Start of Records to use

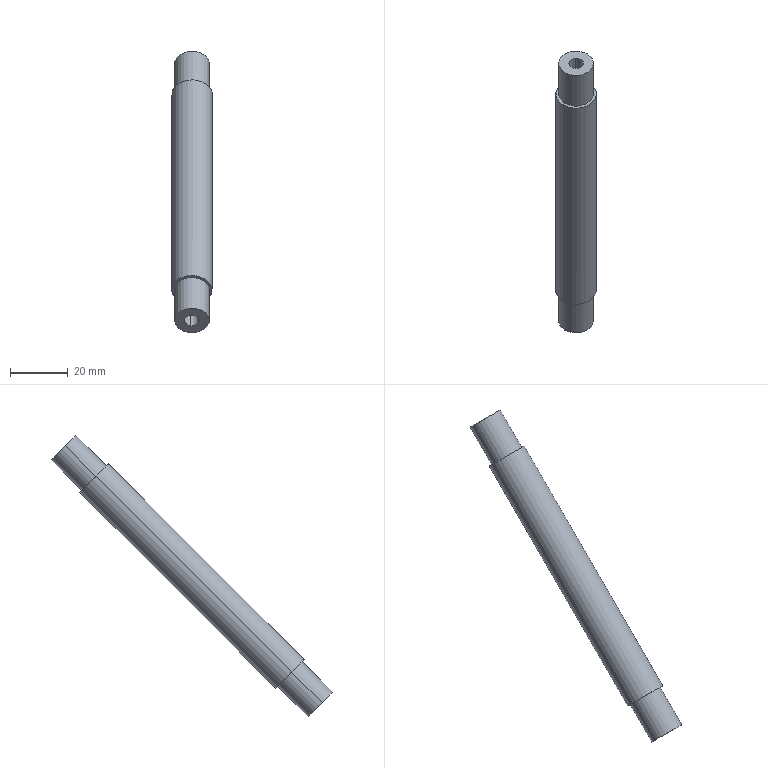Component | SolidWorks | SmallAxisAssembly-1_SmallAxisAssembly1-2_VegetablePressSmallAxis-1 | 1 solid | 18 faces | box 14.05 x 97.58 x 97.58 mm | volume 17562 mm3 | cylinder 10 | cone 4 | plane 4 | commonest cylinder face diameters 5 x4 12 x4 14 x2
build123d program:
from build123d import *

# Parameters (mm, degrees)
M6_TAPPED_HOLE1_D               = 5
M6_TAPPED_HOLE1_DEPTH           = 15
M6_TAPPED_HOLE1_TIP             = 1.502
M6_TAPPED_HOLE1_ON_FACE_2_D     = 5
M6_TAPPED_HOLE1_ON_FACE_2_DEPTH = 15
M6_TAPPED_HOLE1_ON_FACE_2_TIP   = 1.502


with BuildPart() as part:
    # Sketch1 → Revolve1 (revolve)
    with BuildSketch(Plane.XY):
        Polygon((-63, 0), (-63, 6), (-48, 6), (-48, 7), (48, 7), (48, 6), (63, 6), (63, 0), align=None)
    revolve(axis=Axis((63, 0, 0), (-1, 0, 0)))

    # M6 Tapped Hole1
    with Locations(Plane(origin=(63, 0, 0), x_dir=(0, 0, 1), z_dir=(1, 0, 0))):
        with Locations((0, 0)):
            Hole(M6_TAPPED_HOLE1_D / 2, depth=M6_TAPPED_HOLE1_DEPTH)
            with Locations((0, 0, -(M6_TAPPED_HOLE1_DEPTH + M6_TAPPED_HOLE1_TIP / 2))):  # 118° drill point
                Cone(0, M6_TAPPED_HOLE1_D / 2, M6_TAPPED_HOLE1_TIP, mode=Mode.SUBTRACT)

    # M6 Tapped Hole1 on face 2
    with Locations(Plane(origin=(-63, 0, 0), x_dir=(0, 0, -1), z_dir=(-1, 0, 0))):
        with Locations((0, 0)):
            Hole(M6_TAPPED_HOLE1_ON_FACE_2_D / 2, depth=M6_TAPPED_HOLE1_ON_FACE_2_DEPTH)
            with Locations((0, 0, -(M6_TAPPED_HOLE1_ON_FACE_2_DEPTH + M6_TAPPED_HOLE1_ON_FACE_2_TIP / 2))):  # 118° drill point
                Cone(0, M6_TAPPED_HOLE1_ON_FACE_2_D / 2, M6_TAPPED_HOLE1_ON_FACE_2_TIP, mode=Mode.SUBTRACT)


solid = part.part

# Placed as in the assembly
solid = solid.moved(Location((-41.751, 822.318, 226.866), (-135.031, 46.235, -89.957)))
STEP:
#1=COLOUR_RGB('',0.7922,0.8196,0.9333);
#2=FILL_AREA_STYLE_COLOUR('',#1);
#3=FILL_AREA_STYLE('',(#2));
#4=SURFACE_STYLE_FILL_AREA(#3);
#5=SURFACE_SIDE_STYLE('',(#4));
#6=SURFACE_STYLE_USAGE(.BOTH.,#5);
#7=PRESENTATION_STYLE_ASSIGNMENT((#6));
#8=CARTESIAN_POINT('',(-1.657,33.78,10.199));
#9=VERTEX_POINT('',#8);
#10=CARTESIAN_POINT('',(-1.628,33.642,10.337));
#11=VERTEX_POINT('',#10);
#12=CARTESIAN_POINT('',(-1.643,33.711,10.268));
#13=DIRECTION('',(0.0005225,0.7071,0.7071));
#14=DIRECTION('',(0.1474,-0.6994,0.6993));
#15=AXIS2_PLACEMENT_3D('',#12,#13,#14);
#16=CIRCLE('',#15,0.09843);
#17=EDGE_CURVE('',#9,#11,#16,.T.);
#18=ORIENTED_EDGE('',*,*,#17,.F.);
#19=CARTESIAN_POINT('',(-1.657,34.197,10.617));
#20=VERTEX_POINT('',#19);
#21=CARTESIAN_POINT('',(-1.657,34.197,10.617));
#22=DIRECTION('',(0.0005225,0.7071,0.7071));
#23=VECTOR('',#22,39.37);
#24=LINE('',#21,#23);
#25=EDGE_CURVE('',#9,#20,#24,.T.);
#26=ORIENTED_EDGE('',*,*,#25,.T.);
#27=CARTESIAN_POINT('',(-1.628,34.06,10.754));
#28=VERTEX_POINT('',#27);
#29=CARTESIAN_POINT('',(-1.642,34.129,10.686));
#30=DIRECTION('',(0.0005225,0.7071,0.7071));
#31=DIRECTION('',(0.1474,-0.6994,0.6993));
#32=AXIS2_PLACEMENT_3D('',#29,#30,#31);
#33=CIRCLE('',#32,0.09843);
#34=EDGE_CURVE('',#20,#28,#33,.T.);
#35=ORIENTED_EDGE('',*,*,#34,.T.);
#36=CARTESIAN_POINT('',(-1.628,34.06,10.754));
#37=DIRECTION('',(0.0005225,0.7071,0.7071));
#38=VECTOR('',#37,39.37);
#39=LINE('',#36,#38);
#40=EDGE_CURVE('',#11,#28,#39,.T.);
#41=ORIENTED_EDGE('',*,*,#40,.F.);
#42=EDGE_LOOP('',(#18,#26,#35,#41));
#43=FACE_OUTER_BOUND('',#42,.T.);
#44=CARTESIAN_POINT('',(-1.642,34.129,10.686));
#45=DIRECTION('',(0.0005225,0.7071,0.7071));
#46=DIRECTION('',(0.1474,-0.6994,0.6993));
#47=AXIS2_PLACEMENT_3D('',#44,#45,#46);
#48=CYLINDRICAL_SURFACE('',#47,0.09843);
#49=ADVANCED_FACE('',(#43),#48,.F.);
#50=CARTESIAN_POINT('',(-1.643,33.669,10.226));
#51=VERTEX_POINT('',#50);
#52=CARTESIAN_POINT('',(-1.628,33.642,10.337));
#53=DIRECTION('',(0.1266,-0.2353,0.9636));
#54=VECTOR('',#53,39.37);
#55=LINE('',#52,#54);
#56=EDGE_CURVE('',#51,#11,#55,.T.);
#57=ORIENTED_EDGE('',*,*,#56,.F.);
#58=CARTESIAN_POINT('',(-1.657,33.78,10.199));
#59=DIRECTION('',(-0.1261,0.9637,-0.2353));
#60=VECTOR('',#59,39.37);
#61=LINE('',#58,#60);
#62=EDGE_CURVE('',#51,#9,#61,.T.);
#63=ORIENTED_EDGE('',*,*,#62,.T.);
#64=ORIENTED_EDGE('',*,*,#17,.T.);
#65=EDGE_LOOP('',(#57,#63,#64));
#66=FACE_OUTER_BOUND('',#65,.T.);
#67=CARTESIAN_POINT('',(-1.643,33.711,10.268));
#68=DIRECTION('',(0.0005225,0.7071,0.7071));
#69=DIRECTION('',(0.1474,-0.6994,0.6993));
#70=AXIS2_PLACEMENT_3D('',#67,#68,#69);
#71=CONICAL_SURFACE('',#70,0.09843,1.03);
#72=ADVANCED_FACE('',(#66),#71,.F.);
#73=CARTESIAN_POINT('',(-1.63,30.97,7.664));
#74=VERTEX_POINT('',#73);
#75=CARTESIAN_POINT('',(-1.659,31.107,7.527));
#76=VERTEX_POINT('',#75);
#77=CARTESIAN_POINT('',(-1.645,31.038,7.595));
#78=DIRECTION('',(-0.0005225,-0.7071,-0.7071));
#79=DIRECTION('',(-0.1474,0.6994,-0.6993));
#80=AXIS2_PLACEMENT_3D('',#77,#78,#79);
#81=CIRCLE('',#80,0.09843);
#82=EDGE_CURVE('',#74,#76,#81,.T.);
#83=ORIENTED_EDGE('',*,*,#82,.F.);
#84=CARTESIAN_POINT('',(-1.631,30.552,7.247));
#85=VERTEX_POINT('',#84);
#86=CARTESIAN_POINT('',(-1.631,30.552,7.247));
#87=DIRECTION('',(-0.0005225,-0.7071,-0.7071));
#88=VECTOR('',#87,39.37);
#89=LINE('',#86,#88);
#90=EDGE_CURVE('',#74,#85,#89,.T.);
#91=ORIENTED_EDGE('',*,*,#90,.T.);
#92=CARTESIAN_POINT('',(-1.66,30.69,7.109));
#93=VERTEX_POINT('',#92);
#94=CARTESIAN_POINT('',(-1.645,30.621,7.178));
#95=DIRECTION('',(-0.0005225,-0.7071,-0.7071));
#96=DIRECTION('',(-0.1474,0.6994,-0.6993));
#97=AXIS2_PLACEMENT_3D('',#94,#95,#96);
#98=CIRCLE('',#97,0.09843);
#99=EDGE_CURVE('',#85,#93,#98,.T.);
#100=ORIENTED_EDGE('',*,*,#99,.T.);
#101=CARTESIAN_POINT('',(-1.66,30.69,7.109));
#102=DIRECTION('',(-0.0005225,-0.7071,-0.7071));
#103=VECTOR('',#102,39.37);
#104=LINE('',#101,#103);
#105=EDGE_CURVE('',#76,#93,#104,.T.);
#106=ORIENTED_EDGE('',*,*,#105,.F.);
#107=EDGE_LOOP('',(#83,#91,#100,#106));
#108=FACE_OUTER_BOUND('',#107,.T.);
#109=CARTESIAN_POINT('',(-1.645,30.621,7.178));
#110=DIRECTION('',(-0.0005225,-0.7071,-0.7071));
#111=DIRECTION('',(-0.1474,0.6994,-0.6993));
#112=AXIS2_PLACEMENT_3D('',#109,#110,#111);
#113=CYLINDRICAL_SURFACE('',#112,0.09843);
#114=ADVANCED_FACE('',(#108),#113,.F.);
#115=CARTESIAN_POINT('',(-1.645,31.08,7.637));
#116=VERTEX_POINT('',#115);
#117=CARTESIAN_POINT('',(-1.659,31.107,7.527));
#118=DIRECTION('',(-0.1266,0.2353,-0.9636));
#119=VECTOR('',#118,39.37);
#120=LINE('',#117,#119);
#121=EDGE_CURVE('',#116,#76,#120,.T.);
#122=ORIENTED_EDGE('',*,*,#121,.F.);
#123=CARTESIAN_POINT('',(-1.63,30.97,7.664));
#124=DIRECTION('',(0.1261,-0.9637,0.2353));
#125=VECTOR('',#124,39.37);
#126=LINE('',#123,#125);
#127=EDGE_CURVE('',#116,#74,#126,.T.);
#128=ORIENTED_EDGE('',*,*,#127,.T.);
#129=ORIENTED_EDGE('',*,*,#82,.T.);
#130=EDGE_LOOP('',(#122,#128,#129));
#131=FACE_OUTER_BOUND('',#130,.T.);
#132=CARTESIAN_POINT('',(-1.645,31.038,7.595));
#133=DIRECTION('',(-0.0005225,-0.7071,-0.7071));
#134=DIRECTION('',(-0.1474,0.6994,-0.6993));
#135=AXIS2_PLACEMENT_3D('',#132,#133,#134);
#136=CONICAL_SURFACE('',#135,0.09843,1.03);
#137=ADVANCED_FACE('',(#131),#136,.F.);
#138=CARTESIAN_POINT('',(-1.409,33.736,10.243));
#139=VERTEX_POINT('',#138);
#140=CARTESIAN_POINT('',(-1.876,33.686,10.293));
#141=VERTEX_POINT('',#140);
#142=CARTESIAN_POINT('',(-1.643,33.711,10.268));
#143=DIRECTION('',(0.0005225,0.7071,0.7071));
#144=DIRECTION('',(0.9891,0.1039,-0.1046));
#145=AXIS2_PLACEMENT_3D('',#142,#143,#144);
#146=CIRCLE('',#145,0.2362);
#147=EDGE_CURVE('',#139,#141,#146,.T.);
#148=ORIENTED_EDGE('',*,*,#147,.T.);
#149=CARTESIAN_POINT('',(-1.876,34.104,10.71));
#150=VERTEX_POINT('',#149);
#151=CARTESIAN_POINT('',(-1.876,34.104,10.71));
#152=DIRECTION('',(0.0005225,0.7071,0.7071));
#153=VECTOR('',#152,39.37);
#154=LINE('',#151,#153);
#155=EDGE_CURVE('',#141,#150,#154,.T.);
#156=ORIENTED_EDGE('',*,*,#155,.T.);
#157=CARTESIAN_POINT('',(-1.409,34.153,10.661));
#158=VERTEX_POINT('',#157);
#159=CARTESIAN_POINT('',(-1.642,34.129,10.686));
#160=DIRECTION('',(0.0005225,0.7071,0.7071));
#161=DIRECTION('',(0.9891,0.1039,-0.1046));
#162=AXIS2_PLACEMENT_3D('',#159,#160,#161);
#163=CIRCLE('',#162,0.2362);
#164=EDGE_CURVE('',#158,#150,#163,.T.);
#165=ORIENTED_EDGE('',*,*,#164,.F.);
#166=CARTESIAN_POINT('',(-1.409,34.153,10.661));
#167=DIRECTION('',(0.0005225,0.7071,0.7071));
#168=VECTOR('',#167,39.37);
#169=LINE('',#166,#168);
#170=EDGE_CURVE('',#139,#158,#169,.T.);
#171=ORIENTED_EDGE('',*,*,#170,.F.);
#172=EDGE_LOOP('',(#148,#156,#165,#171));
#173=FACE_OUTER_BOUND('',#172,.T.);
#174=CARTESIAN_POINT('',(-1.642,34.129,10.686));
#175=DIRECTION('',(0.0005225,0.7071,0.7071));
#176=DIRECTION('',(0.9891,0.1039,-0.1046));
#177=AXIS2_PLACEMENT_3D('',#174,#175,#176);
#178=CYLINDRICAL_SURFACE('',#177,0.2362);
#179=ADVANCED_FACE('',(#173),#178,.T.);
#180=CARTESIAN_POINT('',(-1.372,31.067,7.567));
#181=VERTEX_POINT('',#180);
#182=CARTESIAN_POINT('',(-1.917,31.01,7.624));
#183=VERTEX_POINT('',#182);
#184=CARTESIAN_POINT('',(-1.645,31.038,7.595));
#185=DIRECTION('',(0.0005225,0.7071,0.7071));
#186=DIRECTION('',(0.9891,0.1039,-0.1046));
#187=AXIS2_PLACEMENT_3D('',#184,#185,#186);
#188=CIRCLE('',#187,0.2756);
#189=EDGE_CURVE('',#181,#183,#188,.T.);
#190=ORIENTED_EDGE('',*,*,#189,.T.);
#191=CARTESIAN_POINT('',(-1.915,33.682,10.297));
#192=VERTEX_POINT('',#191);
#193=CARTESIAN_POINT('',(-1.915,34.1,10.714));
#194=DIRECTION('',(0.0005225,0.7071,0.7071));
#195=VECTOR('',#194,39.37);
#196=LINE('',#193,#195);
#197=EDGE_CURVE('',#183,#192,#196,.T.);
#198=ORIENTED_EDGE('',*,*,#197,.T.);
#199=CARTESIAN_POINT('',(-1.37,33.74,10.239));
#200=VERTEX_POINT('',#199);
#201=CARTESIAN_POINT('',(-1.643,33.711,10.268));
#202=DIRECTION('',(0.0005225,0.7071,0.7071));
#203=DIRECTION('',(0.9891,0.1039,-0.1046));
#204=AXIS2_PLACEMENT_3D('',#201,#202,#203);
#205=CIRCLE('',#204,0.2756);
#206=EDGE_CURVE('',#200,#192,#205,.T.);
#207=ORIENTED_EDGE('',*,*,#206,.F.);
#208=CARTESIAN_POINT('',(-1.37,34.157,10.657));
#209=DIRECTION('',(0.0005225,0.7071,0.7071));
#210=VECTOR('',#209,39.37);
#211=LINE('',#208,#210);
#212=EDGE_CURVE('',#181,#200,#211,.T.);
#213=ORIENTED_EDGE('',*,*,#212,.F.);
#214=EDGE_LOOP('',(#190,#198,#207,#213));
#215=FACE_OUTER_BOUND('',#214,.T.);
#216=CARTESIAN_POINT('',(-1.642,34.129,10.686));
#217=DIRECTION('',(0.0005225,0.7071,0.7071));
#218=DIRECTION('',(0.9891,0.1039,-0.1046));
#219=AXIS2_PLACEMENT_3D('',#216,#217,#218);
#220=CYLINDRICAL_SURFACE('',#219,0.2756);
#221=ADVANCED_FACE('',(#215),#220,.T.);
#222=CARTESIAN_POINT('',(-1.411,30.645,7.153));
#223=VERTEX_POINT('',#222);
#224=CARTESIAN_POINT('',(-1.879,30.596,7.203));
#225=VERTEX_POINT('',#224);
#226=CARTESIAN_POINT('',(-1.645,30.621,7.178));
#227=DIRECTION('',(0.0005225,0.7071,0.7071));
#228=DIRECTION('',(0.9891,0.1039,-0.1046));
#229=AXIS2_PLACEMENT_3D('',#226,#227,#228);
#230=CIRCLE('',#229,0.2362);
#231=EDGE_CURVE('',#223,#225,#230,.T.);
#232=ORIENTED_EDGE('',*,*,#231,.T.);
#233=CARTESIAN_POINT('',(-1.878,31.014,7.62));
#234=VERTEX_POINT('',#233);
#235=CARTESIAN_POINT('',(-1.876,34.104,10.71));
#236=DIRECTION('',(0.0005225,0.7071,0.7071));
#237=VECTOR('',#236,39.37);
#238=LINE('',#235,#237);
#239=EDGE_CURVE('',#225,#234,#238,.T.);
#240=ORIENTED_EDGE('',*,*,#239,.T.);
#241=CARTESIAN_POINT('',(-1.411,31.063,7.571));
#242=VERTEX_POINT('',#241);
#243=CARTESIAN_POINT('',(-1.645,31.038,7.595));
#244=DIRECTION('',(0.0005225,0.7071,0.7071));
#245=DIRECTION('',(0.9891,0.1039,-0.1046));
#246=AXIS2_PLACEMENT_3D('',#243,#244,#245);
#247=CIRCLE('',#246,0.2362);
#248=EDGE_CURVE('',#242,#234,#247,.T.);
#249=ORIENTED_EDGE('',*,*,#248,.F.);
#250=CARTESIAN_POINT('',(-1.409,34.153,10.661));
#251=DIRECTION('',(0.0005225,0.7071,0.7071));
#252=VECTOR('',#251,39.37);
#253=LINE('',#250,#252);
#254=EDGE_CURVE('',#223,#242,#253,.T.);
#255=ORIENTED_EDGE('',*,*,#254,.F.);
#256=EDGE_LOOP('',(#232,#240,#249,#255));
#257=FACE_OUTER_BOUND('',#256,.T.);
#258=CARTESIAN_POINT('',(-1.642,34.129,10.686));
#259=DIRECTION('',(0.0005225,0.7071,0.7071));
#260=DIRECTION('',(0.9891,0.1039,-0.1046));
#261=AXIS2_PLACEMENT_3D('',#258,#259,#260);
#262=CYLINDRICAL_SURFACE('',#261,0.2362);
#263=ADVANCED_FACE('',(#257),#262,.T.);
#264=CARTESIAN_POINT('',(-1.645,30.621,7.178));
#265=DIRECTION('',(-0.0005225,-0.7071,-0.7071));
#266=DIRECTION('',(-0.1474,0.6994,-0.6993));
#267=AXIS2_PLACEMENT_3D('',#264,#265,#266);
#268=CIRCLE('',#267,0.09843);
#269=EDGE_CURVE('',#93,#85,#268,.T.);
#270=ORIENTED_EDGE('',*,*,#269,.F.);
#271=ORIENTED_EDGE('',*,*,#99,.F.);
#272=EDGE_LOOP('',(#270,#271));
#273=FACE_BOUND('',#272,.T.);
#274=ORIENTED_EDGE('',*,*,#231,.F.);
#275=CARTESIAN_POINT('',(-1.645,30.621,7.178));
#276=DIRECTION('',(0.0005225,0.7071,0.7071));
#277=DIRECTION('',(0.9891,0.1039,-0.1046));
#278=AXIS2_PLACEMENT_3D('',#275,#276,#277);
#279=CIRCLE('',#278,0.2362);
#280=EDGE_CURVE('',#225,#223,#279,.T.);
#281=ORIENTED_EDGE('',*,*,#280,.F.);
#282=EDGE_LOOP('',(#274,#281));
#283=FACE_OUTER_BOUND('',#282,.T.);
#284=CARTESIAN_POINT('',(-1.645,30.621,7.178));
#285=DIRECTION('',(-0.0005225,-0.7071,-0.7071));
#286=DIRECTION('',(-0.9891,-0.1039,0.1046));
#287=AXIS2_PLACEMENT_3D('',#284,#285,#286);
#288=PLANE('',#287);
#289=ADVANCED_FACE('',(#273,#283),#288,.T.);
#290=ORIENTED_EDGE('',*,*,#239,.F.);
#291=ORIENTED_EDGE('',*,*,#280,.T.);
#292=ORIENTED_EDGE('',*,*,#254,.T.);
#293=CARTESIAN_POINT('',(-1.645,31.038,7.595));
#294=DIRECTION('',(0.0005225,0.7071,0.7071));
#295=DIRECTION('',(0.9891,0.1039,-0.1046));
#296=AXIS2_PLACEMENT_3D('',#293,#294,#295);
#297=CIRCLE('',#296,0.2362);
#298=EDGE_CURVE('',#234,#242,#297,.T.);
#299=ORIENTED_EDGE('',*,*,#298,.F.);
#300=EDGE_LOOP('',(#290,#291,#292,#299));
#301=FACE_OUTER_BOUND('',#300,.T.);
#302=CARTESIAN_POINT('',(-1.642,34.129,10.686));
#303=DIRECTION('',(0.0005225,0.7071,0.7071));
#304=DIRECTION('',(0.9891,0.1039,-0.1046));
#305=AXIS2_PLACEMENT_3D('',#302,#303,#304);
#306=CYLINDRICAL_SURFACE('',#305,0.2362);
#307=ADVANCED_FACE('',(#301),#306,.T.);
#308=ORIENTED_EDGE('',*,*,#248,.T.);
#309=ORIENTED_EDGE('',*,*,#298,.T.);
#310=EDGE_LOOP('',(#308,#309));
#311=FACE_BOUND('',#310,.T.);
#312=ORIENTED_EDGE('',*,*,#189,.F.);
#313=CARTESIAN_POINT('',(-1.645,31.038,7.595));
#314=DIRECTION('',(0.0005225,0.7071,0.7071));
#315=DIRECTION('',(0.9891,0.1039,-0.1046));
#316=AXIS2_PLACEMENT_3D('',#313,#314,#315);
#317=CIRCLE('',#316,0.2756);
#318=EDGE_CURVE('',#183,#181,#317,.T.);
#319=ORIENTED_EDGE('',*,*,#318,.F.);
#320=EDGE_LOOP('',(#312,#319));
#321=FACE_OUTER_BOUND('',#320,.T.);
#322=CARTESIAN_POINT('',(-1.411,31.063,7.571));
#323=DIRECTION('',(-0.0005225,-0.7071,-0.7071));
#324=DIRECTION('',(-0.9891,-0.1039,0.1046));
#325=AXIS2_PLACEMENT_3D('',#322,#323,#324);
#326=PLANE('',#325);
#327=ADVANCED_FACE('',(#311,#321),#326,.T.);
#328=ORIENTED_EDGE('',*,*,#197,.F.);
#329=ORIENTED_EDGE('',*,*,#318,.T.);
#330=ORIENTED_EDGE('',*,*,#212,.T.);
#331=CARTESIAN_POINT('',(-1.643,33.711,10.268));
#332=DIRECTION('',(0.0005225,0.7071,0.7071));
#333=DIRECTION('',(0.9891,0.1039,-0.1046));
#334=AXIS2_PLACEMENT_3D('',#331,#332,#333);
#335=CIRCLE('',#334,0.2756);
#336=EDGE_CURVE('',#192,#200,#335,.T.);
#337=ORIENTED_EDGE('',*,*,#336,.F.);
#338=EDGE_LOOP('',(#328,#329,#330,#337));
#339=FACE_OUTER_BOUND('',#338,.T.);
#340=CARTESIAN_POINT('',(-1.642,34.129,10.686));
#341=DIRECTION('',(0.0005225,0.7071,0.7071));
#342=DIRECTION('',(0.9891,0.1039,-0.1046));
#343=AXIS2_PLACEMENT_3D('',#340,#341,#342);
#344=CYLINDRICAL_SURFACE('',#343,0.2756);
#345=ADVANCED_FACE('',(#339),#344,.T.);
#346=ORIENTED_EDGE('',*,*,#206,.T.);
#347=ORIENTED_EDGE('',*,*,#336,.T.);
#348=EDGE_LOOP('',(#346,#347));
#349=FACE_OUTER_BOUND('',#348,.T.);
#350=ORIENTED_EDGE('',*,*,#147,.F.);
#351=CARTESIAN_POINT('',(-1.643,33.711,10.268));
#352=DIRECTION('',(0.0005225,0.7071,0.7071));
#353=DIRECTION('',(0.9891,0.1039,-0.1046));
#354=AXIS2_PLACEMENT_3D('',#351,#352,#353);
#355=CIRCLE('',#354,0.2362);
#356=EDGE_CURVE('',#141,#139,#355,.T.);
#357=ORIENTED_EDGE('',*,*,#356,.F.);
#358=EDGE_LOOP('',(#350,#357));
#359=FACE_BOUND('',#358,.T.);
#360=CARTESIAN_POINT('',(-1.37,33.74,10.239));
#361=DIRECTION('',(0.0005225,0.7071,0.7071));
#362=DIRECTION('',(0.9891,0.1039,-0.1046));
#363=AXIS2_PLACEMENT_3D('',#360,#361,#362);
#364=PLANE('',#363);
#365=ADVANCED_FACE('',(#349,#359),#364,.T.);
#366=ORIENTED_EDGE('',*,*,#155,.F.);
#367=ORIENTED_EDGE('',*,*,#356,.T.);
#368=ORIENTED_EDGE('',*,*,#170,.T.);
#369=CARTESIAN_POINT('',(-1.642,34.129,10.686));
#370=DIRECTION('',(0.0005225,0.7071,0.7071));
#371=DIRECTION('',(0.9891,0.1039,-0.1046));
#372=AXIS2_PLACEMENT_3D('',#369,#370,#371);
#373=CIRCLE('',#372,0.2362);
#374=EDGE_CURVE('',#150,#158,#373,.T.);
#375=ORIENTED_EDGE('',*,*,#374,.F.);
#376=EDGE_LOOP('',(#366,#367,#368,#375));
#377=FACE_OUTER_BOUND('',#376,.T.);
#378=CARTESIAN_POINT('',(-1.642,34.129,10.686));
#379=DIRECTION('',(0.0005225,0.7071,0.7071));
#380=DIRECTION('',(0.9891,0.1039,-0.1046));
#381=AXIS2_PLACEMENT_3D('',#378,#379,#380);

End of Records to use

Please transcribe only the lines in the records above running from the line that has "#321=FACE_OUTER_BOUND('',#320,.T.);" through the line that has "#331=CARTESIAN_POINT('',(-1.643,33.711,10.268));", both included, exactly as they appear.

■ Final answer ■
#321=FACE_OUTER_BOUND('',#320,.T.);
#322=CARTESIAN_POINT('',(-1.411,31.063,7.571));
#323=DIRECTION('',(-0.0005225,-0.7071,-0.7071));
#324=DIRECTION('',(-0.9891,-0.1039,0.1046));
#325=AXIS2_PLACEMENT_3D('',#322,#323,#324);
#326=PLANE('',#325);
#327=ADVANCED_FACE('',(#311,#321),#326,.T.);
#328=ORIENTED_EDGE('',*,*,#197,.F.);
#329=ORIENTED_EDGE('',*,*,#318,.T.);
#330=ORIENTED_EDGE('',*,*,#212,.T.);
#331=CARTESIAN_POINT('',(-1.643,33.711,10.268));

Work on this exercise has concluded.